- Work instructions
The records below are to be copied word for word, with every picture left out.

- Task material
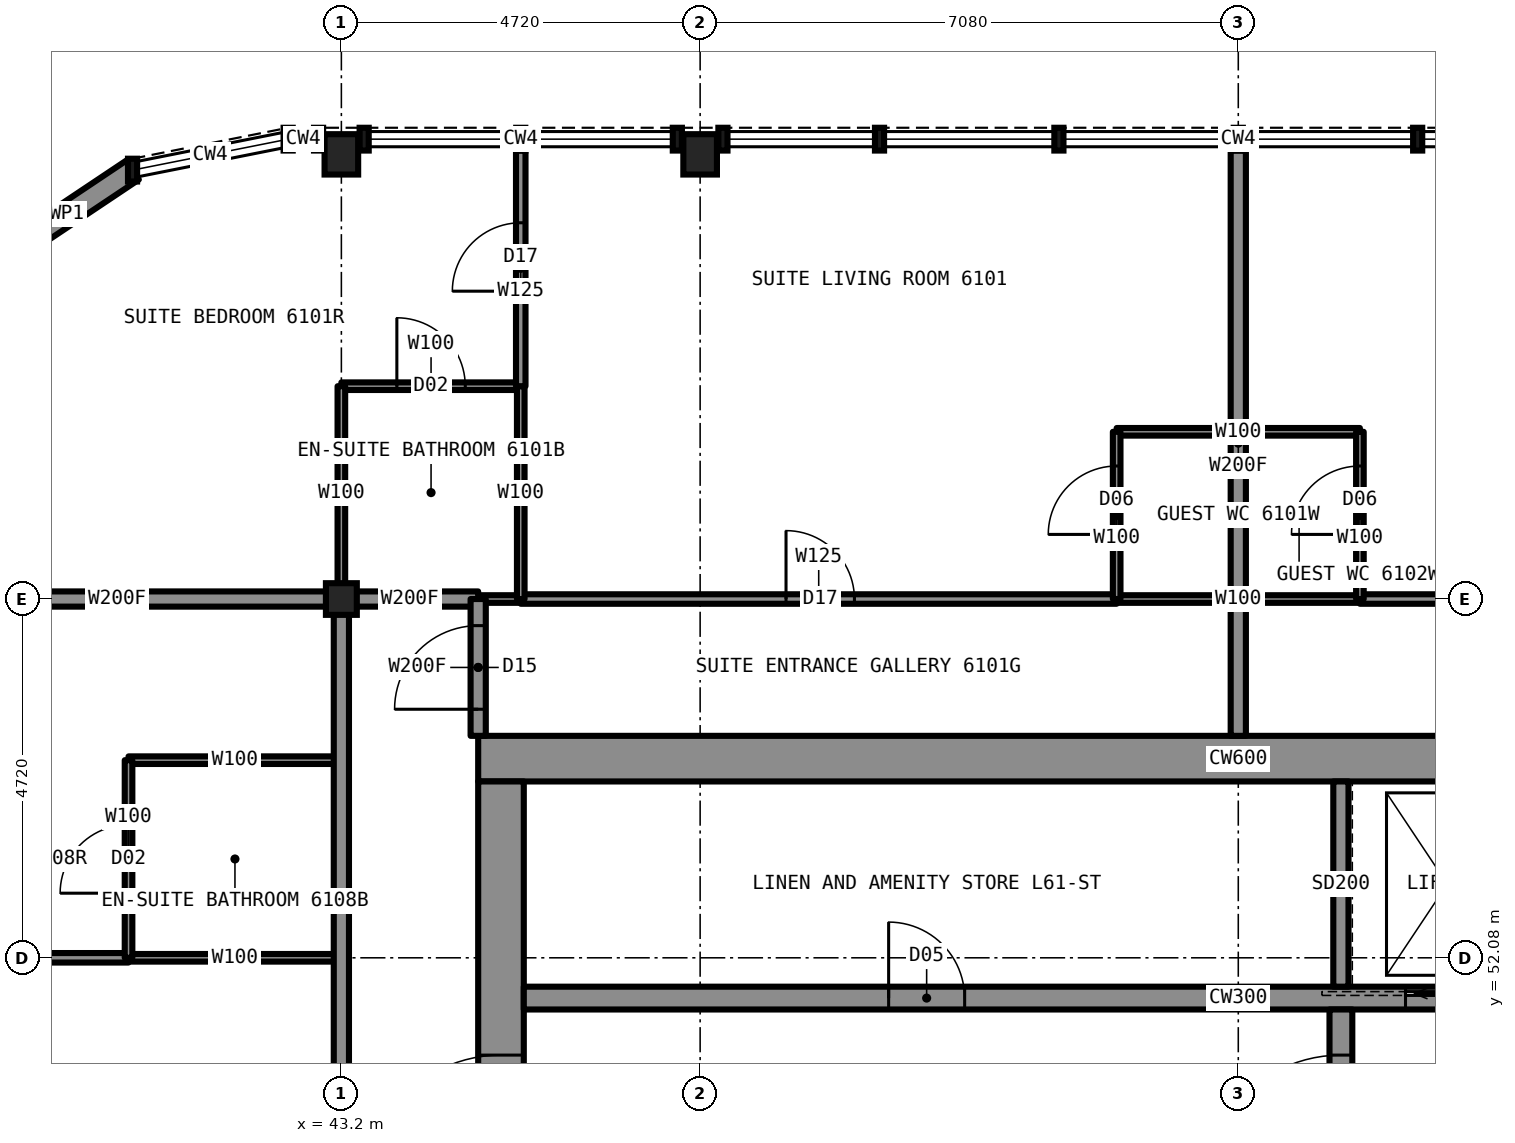
"""IFC4 building model, lengths in metres.
Left out: names, types, materials, properties, quantities, classifications, styles, units other than length and angle.
Written with IfcOpenShell. Run it as: python <this file> out.ifc"""

import sys

from ifc_helpers import new_model, si_unit, direction, frame, frame_2d, origin, origin_2d, place, context, subcontext, project, spatial, rectangle, i_section, extrude, element, fill, save


model = new_model("IFC4")
c1 = context("Model", 3, precision=1e-05, world=origin(), true_north=direction((0.0, 1.0)))
c2 = subcontext(c1, "Body", "Model", "MODEL_VIEW")
j1 = project(units=[si_unit("LENGTHUNIT", "METRE"), si_unit("PLANEANGLEUNIT", "RADIAN")], contexts=[c1])
p1 = place(None, origin())
s1 = spatial("IfcSite", under=j1, at=p1, CompositionType="ELEMENT")
p2 = place(p1, origin())
s2 = spatial("IfcBuilding", under=s1, at=p2, CompositionType="ELEMENT")
p3 = place(p2, frame((0.0, 0.0, 226.7)))
s3 = spatial("IfcBuildingStorey", under=s2, at=p3, CompositionType="ELEMENT", Elevation=226.7)
for number, where, z_axis, x_axis in (
    (1, (43.2, 62.65, 0.0), (0.0, 0.0, 1.0), (1.0, 0.0, 0.0)),
    (2, (47.92, 62.65, 0.0), (0.0, 0.0, 1.0), (1.0, 0.0, 0.0)),
):
    element("IfcColumn", number, at=place(p3, frame(where, z_axis=z_axis, x_axis=x_axis)), inside=s3, PredefinedType="COLUMN", context=c2, shape_type="SweptSolid", body=[
        extrude(i_section(OverallWidth=0.442, OverallDepth=0.531, WebThickness=0.066, FlangeThickness=0.106, at=origin_2d()), origin(), (0.0, 0.0, 1.0), 3.5),
    ])
p4 = place(p3, frame((43.2, 56.8, 0.0), z_axis=(0.0, 0.0, 1.0), x_axis=(1.0, 0.0, 0.0)))
e3 = element("IfcColumn", 3, at=p4, inside=s3, PredefinedType="COLUMN", context=c2, shape_type="SweptSolid", body=[
    extrude(i_section(OverallWidth=0.406, OverallDepth=0.417, WebThickness=0.03, FlangeThickness=0.048, at=origin_2d()), origin(), (0.0, 0.0, 1.0), 3.5),
])
p5 = place(p3, frame((45.0, 54.7, 0.0), z_axis=(0.0, 0.0, 1.0), x_axis=(1.0, 0.0, 0.0)))
e4 = element("IfcWall", 4, at=p5, inside=s3, PredefinedType="SHEAR", context=c2, shape_type="SweptSolid", body=[
    extrude(rectangle(XDim=20.0, YDim=0.6, at=frame_2d((10.0, 0.0))), origin(), (0.0, 0.0, 1.0), 3.5),
])
p6 = place(p3, frame((45.3, 35.6, 0.0), z_axis=(0.0, 0.0, 1.0), x_axis=(0.0, 1.0, 0.0)))
e5 = element("IfcWall", 5, at=p6, inside=s3, PredefinedType="SHEAR", context=c2, shape_type="SweptSolid", body=[
    extrude(rectangle(XDim=18.8, YDim=0.6, at=frame_2d((9.4, 0.0))), origin(), (0.0, 0.0, 1.0), 3.5),
])
p7 = place(p6, frame((13.4, 0.0, 0.0)))
e6 = element("IfcOpeningElement", 6, at=p7, cuts=e5, PredefinedType="OPENING", context=c2, shape_type="SweptSolid", body=[
    extrude(rectangle(XDim=1.8, YDim=2.2, at=frame_2d((0.9, 1.1))), frame((0.0, 0.31, 0.0), z_axis=(0.0, -1.0, 0.0), x_axis=(1.0, 0.0, 0.0)), (0.0, 0.0, 1.0), 0.62),
])
p8 = place(p6, frame((3.6, 0.0, 0.0)))
e7 = element("IfcOpeningElement", 7, at=p8, cuts=e5, PredefinedType="OPENING", context=c2, shape_type="SweptSolid", body=[
    extrude(rectangle(XDim=1.8, YDim=2.2, at=frame_2d((0.9, 1.1))), frame((0.0, 0.31, 0.0), z_axis=(0.0, -1.0, 0.0), x_axis=(1.0, 0.0, 0.0)), (0.0, 0.0, 1.0), 0.62),
])
p9 = place(p6, frame((6.4, 0.0, 0.0)))
e8 = element("IfcOpeningElement", 8, at=p9, cuts=e5, PredefinedType="OPENING", context=c2, shape_type="SweptSolid", body=[
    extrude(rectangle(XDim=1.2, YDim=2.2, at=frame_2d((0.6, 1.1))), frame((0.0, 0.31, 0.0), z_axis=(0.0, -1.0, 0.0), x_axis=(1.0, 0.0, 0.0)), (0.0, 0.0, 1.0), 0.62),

- Your solution
"""IFC4 building model, lengths in metres.
Left out: names, types, materials, properties, quantities, classifications, styles, units other than length and angle.
Written with IfcOpenShell. Run it as: python <this file> out.ifc"""

import sys

from ifc_helpers import new_model, si_unit, direction, frame, frame_2d, origin, origin_2d, place, context, subcontext, project, spatial, rectangle, i_section, extrude, element, fill, save


model = new_model("IFC4")
c1 = context("Model", 3, precision=1e-05, world=origin(), true_north=direction((0.0, 1.0)))
c2 = subcontext(c1, "Body", "Model", "MODEL_VIEW")
j1 = project(units=[si_unit("LENGTHUNIT", "METRE"), si_unit("PLANEANGLEUNIT", "RADIAN")], contexts=[c1])
p1 = place(None, origin())
s1 = spatial("IfcSite", under=j1, at=p1, CompositionType="ELEMENT")
p2 = place(p1, origin())
s2 = spatial("IfcBuilding", under=s1, at=p2, CompositionType="ELEMENT")
p3 = place(p2, frame((0.0, 0.0, 226.7)))
s3 = spatial("IfcBuildingStorey", under=s2, at=p3, CompositionType="ELEMENT", Elevation=226.7)
for number, where, z_axis, x_axis in (
    (1, (43.2, 62.65, 0.0), (0.0, 0.0, 1.0), (1.0, 0.0, 0.0)),
    (2, (47.92, 62.65, 0.0), (0.0, 0.0, 1.0), (1.0, 0.0, 0.0)),
):
    element("IfcColumn", number, at=place(p3, frame(where, z_axis=z_axis, x_axis=x_axis)), inside=s3, PredefinedType="COLUMN", context=c2, shape_type="SweptSolid", body=[
        extrude(i_section(OverallWidth=0.442, OverallDepth=0.531, WebThickness=0.066, FlangeThickness=0.106, at=origin_2d()), origin(), (0.0, 0.0, 1.0), 3.5),
    ])
p4 = place(p3, frame((43.2, 56.8, 0.0), z_axis=(0.0, 0.0, 1.0), x_axis=(1.0, 0.0, 0.0)))
e3 = element("IfcColumn", 3, at=p4, inside=s3, PredefinedType="COLUMN", context=c2, shape_type="SweptSolid", body=[
    extrude(i_section(OverallWidth=0.406, OverallDepth=0.417, WebThickness=0.03, FlangeThickness=0.048, at=origin_2d()), origin(), (0.0, 0.0, 1.0), 3.5),
])
p5 = place(p3, frame((45.0, 54.7, 0.0), z_axis=(0.0, 0.0, 1.0), x_axis=(1.0, 0.0, 0.0)))
e4 = element("IfcWall", 4, at=p5, inside=s3, PredefinedType="SHEAR", context=c2, shape_type="SweptSolid", body=[
    extrude(rectangle(XDim=20.0, YDim=0.6, at=frame_2d((10.0, 0.0))), origin(), (0.0, 0.0, 1.0), 3.5),
])
p6 = place(p3, frame((45.3, 35.6, 0.0), z_axis=(0.0, 0.0, 1.0), x_axis=(0.0, 1.0, 0.0)))
e5 = element("IfcWall", 5, at=p6, inside=s3, PredefinedType="SHEAR", context=c2, shape_type="SweptSolid", body=[
    extrude(rectangle(XDim=18.8, YDim=0.6, at=frame_2d((9.4, 0.0))), origin(), (0.0, 0.0, 1.0), 3.5),
])
p7 = place(p6, frame((13.4, 0.0, 0.0)))
e6 = element("IfcOpeningElement", 6, at=p7, cuts=e5, PredefinedType="OPENING", context=c2, shape_type="SweptSolid", body=[
    extrude(rectangle(XDim=1.8, YDim=2.2, at=frame_2d((0.9, 1.1))), frame((0.0, 0.31, 0.0), z_axis=(0.0, -1.0, 0.0), x_axis=(1.0, 0.0, 0.0)), (0.0, 0.0, 1.0), 0.62),
])
p8 = place(p6, frame((3.6, 0.0, 0.0)))
e7 = element("IfcOpeningElement", 7, at=p8, cuts=e5, PredefinedType="OPENING", context=c2, shape_type="SweptSolid", body=[
    extrude(rectangle(XDim=1.8, YDim=2.2, at=frame_2d((0.9, 1.1))), frame((0.0, 0.31, 0.0), z_axis=(0.0, -1.0, 0.0), x_axis=(1.0, 0.0, 0.0)), (0.0, 0.0, 1.0), 0.62),
])
p9 = place(p6, frame((6.4, 0.0, 0.0)))
e8 = element("IfcOpeningElement", 8, at=p9, cuts=e5, PredefinedType="OPENING", context=c2, shape_type="SweptSolid", body=[
    extrude(rectangle(XDim=1.2, YDim=2.2, at=frame_2d((0.6, 1.1))), frame((0.0, 0.31, 0.0), z_axis=(0.0, -1.0, 0.0), x_axis=(1.0, 0.0, 0.0)), (0.0, 0.0, 1.0), 0.62),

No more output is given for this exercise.